◆ Task prompt
For the data that follows, state how many lines hold the string "direction", giving the number by itself.

[Stored data]
- - -

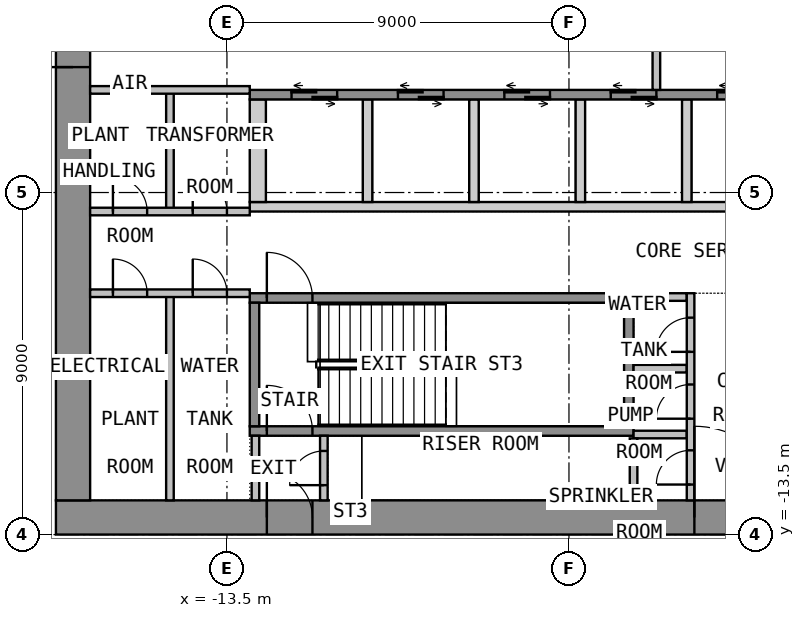
"""IFC4 building model, lengths in metres.
Left out: names, types, materials, properties, quantities, classifications, styles, units other than length and angle.
Written with IfcOpenShell. Run it as: python <this file> out.ifc"""

import sys

from ifc_helpers import new_model, si_unit, direction, frame, frame_2d, origin, place, context, subcontext, project, spatial, polyline, rectangle, outline, extrude, element, fill, save


model = new_model("IFC4")
c1 = context("Model", 3, precision=1e-05, world=origin(), true_north=direction((0.0, 1.0)))
c2 = subcontext(c1, "Body", "Model", "MODEL_VIEW")
j1 = project(units=[si_unit("LENGTHUNIT", "METRE"), si_unit("PLANEANGLEUNIT", "RADIAN")], contexts=[c1])
p1 = place(None, origin())
s1 = spatial("IfcSite", under=j1, at=p1, CompositionType="ELEMENT")
p2 = place(p1, origin())
s2 = spatial("IfcBuilding", under=s1, at=p2, CompositionType="ELEMENT")
p3 = place(p2, frame((0.0, 0.0, 76.8)))
s3 = spatial("IfcBuildingStorey", under=s2, at=p3, CompositionType="ELEMENT", Elevation=76.8)
p4 = place(p3, frame((-18.0, -13.05, 0.0), z_axis=(0.0, 0.0, 1.0), x_axis=(1.0, 0.0, 0.0)))
e1 = element("IfcWall", 1, at=p4, inside=s3, PredefinedType="SHEAR", context=c2, shape_type="SweptSolid", body=[
    extrude(rectangle(XDim=36.0, YDim=0.9, at=frame_2d((18.0, 0.0))), origin(), (0.0, 0.0, 1.0), 4.125),
])
p5 = place(p4, frame((16.8, 0.0, 0.0)))
e2 = element("IfcOpeningElement", 2, at=p5, cuts=e1, PredefinedType="OPENING", context=c2, shape_type="SweptSolid", body=[
    extrude(rectangle(XDim=2.4, YDim=2.1, at=frame_2d((1.2, 1.05))), frame((0.0, 0.46, 0.0), z_axis=(0.0, -1.0, 0.0), x_axis=(1.0, 0.0, 0.0)), (0.0, 0.0, 1.0), 0.92),
])
p6 = place(p4, frame((5.55, 0.0, 0.0)))
e3 = element("IfcOpeningElement", 3, at=p6, cuts=e1, PredefinedType="OPENING", context=c2, shape_type="SweptSolid", body=[
    extrude(rectangle(XDim=1.2, YDim=2.1, at=frame_2d((0.6, 1.05))), frame((0.0, 0.46, 0.0), z_axis=(0.0, -1.0, 0.0), x_axis=(1.0, 0.0, 0.0)), (0.0, 0.0, 1.0), 0.92),
])
p7 = place(p4, frame((29.25, 0.0, 0.0)))
e4 = element("IfcOpeningElement", 4, at=p7, cuts=e1, PredefinedType="OPENING", context=c2, shape_type="SweptSolid", body=[
    extrude(rectangle(XDim=1.2, YDim=2.1, at=frame_2d((0.6, 1.05))), frame((0.0, 0.46, 0.0), z_axis=(0.0, -1.0, 0.0), x_axis=(1.0, 0.0, 0.0)), (0.0, 0.0, 1.0), 0.92),
])
p8 = place(p3, frame((-17.55, -12.6, 0.0), z_axis=(0.0, 0.0, 1.0), x_axis=(0.0, 1.0, 0.0)))
e5 = element("IfcWall", 5, at=p8, inside=s3, PredefinedType="SHEAR", context=c2, shape_type="SweptSolid", body=[
    extrude(rectangle(XDim=25.2, YDim=0.9, at=frame_2d((12.6, 0.0))), origin(), (0.0, 0.0, 1.0), 4.125),
])
p9 = place(p8, frame((11.4, 0.0, 0.0)))
e6 = element("IfcOpeningElement", 6, at=p9, cuts=e5, PredefinedType="OPENING", context=c2, shape_type="SweptSolid", body=[
    extrude(rectangle(XDim=2.4, YDim=2.1, at=frame_2d((1.2, 1.05))), frame((0.0, 0.46, 0.0), z_axis=(0.0, -1.0, 0.0), x_axis=(1.0, 0.0, 0.0)), (0.0, 0.0, 1.0), 0.92),
])
p10 = place(p3, origin())
e7 = element("IfcWall", 7, at=p10, inside=s3, PredefinedType="SHEAR", context=c2, shape_type="SweptSolid", body=[
    extrude(outline(polyline([(-12.9, -5.0), (12.9, -5.0), (12.9, -4.75), (-12.9, -4.75), (-12.9, -5.0)])), origin(), (0.0, 0.0, 1.0), 4.125),
])
p11 = place(p3, origin())
e8 = element("IfcWall", 8, at=p11, inside=s3, PredefinedType="SHEAR", context=c2, shape_type="SweptSolid", body=[
    extrude(outline(polyline([(-12.9, -4.75), (-12.475, -4.75), (-12.475, -2.05), (-12.9, -2.05), (-12.9, -4.75)])), origin(), (0.0, 0.0, 1.0), 4.125),
])
p12 = place(p3, origin())
e9 = element("IfcWall", 9, at=p12, inside=s3, PredefinedType="SHEAR", context=c2, shape_type="SweptSolid", body=[
    extrude(outline(polyline([(-9.925, -4.75), (-9.675, -4.75), (-9.675, -2.05), (-9.925, -2.05), (-9.925, -4.75)])), origin(), (0.0, 0.0, 1.0), 4.125),
])
p13 = place(p3, origin())
e10 = element("IfcWall", 10, at=p13, inside=s3, PredefinedType="SHEAR", context=c2, shape_type="SweptSolid", body=[
    extrude(outline(polyline([(-7.125, -4.75), (-6.875, -4.75), (-6.875, -2.05), (-7.125, -2.05), (-7.125, -4.75)])), origin(), (0.0, 0.0, 1.0), 4.125),
])
p14 = place(p3, origin())
e11 = element("IfcWall", 11, at=p14, inside=s3, PredefinedType="SHEAR", context=c2, shape_type="SweptSolid", body=[
    extrude(outline(polyline([(-4.325, -4.75), (-4.075, -4.75), (-4.075, -2.05), (-4.325, -2.05), (-4.325, -4.75)])), origin(), (0.0, 0.0, 1.0), 4.125),
])
p15 = place(p3, origin())
e12 = element("IfcWall", 12, at=p15, inside=s3, PredefinedType="SHEAR", context=c2, shape_type="SweptSolid", body=[
    extrude(outline(polyline([(-1.525, -4.75), (-1.275, -4.75), (-1.275, -2.05), (-1.525, -2.05), (-1.525, -4.75)])), origin(), (0.0, 0.0, 1.0), 4.125),
])
p16 = place(p3, frame((-12.9, -1.925, 0.0), z_axis=(0.0, 0.0, 1.0), x_axis=(1.0, 0.0, 0.0)))
e13 = element("IfcWall", 13, at=p16, inside=s3, PredefinedType="SHEAR", context=c2, shape_type="SweptSolid", body=[
    extrude(rectangle(XDim=25.8, YDim=0.25, at=frame_2d((12.9, 0.0))), origin(), (0.0, 0.0, 1.0), 4.125),
])
p17 = place(p16, frame((1.1, 0.0, 0.0)))
e14 = element("IfcOpeningElement", 14, at=p17, cuts=e13, PredefinedType="OPENING", context=c2, shape_type="SweptSolid", body=[
    extrude(rectangle(XDim=1.2, YDim=2.1, at=frame_2d((0.6, 1.05))), frame((0.0, 0.135, 0.0), z_axis=(0.0, -1.0, 0.0), x_axis=(1.0, 0.0, 0.0)), (0.0, 0.0, 1.0), 0.27),
])
p18 = place(p16, frame((3.9, 0.0, 0.0)))
e15 = element("IfcOpeningElement", 15, at=p18, cuts=e13, PredefinedType="OPENING", context=c2, shape_type="SweptSolid", body=[
    extrude(rectangle(XDim=1.2, YDim=2.1, at=frame_2d((0.6, 1.05))), frame((0.0, 0.135, 0.0), z_axis=(0.0, -1.0, 0.0), x_axis=(1.0, 0.0, 0.0)), (0.0, 0.0, 1.0), 0.27),
])
p19 = place(p16, frame((6.7, 0.0, 0.0)))
e16 = element("IfcOpeningElement", 16, at=p19, cuts=e13, PredefinedType="OPENING", context=c2, shape_type="SweptSolid", body=[
    extrude(rectangle(XDim=1.2, YDim=2.1, at=frame_2d((0.6, 1.05))), frame((0.0, 0.135, 0.0), z_axis=(0.0, -1.0, 0.0), x_axis=(1.0, 0.0, 0.0)), (0.0, 0.0, 1.0), 0.27),
])
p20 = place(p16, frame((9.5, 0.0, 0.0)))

- - -

◆ The completed task
2